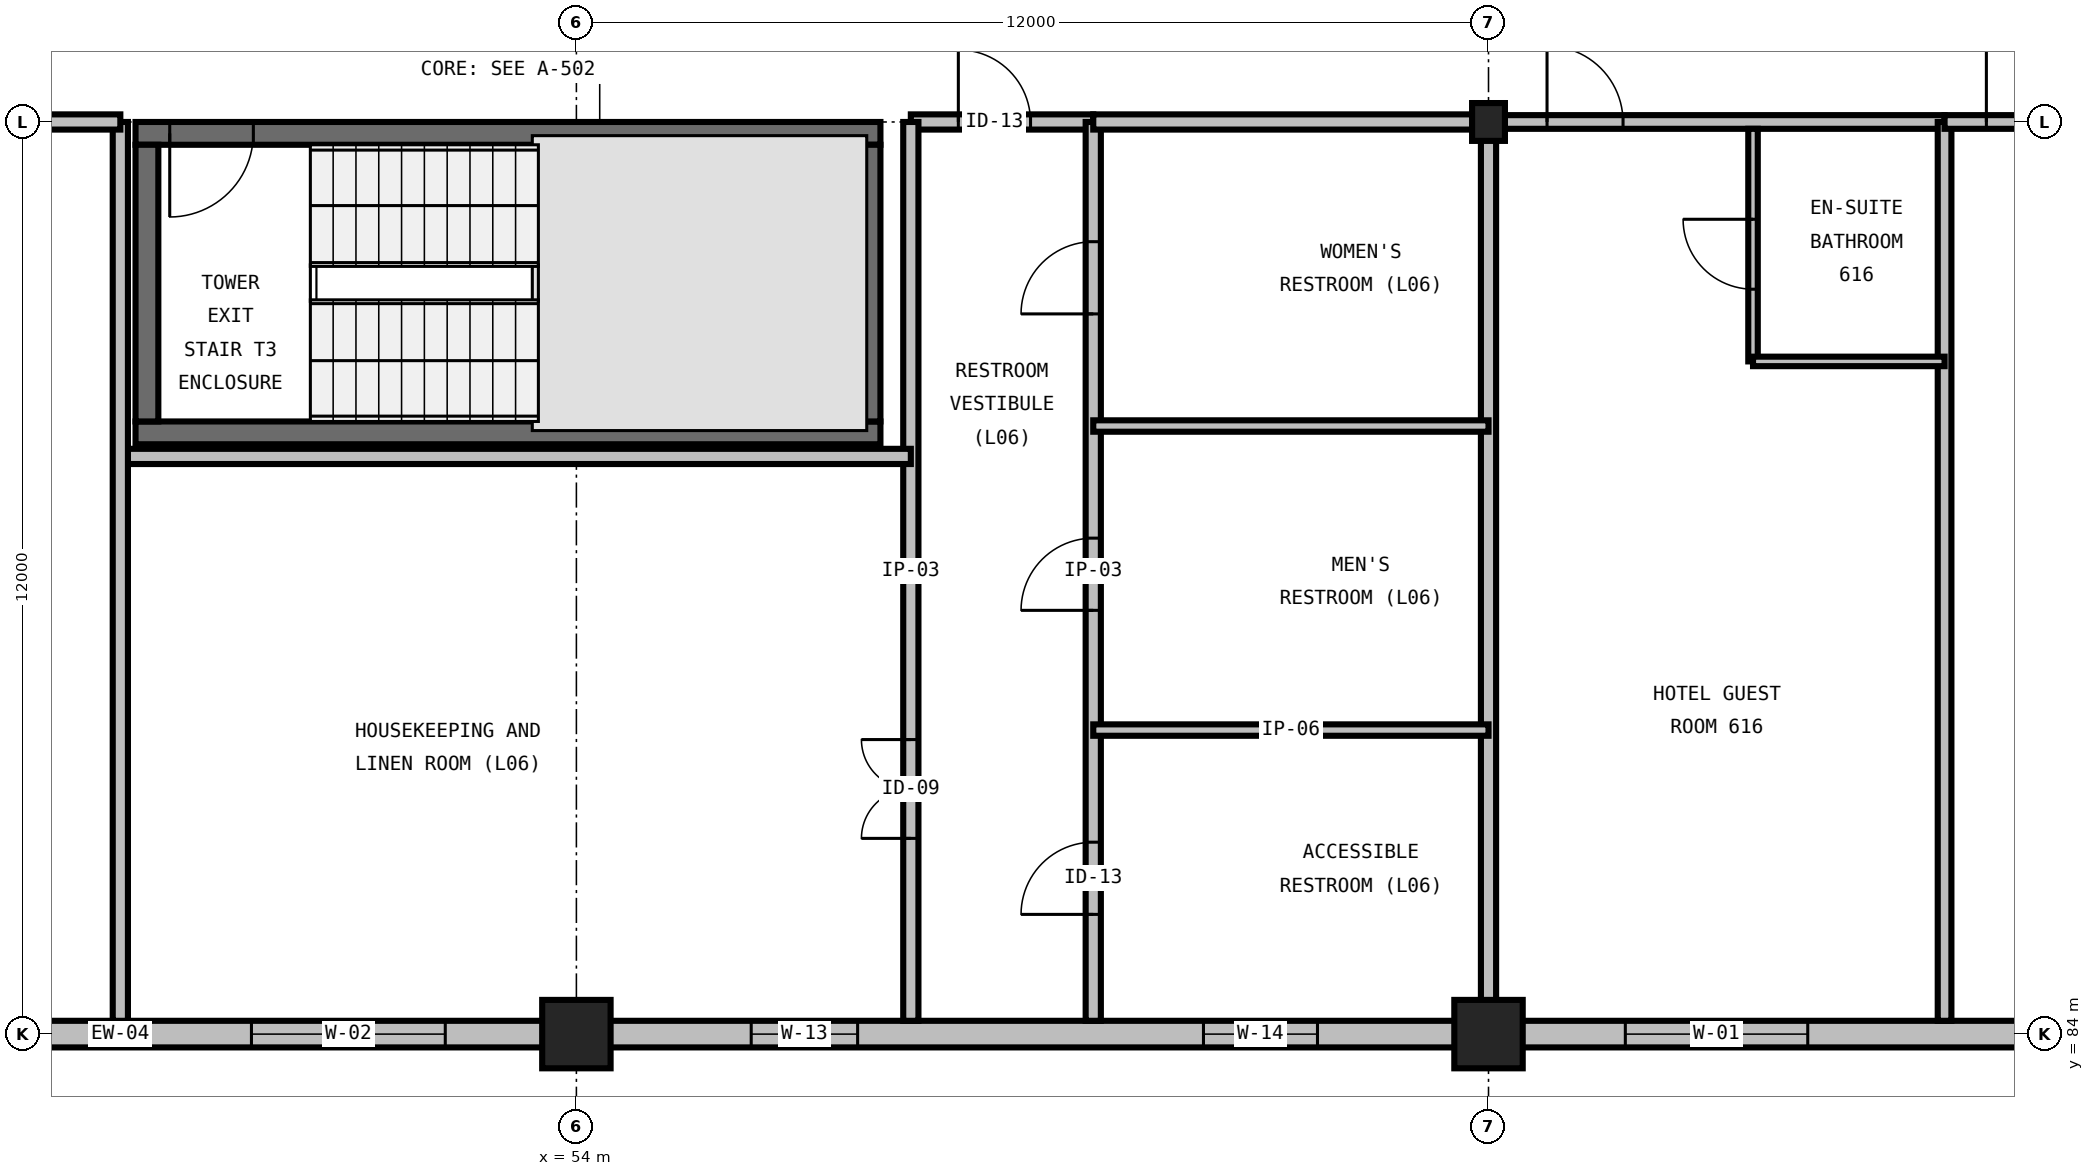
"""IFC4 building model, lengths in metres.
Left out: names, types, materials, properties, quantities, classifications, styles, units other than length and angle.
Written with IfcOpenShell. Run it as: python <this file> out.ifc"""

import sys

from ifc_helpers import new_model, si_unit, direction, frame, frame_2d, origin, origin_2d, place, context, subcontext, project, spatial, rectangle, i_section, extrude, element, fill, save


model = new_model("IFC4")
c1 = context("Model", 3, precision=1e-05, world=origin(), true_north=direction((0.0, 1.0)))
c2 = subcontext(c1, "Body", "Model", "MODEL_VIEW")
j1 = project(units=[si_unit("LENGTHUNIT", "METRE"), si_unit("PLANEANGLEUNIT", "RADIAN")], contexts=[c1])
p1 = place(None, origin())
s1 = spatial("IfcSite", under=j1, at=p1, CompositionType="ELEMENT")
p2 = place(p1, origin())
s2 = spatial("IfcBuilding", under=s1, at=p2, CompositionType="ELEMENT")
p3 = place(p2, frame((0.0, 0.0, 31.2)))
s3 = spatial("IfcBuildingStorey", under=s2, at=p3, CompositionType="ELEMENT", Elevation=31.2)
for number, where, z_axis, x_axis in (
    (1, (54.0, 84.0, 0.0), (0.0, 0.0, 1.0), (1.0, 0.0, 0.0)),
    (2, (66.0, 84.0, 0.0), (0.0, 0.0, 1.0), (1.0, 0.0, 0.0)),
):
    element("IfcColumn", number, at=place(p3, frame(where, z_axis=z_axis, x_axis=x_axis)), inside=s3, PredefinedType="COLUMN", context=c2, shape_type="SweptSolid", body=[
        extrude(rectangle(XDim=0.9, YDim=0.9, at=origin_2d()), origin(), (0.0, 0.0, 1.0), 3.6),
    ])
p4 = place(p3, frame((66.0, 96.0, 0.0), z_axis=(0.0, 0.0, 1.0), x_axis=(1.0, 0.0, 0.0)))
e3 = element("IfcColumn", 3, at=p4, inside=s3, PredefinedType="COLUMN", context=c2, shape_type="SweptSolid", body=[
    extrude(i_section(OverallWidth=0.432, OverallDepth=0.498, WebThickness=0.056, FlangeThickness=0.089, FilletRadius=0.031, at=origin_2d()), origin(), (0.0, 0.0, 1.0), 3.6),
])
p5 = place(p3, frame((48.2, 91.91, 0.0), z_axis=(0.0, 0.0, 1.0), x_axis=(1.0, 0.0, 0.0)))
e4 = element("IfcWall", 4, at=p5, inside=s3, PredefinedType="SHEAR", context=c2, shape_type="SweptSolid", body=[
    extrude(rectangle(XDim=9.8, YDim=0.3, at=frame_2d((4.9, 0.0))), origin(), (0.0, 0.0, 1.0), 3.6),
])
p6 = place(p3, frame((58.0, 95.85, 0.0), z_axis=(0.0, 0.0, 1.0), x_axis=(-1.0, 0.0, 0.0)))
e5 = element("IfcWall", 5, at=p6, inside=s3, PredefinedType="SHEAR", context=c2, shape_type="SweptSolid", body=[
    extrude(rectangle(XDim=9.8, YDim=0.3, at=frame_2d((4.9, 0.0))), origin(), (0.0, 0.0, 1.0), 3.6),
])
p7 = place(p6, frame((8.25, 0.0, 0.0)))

———

> **YOUR TASK**
The answer must consist of each line from the data that includes the string "under".

> **EXERCISE ANSWER**
s1 = spatial("IfcSite", under=j1, at=p1, CompositionType="ELEMENT")
s2 = spatial("IfcBuilding", under=s1, at=p2, CompositionType="ELEMENT")
s3 = spatial("IfcBuildingStorey", under=s2, at=p3, CompositionType="ELEMENT", Elevation=31.2)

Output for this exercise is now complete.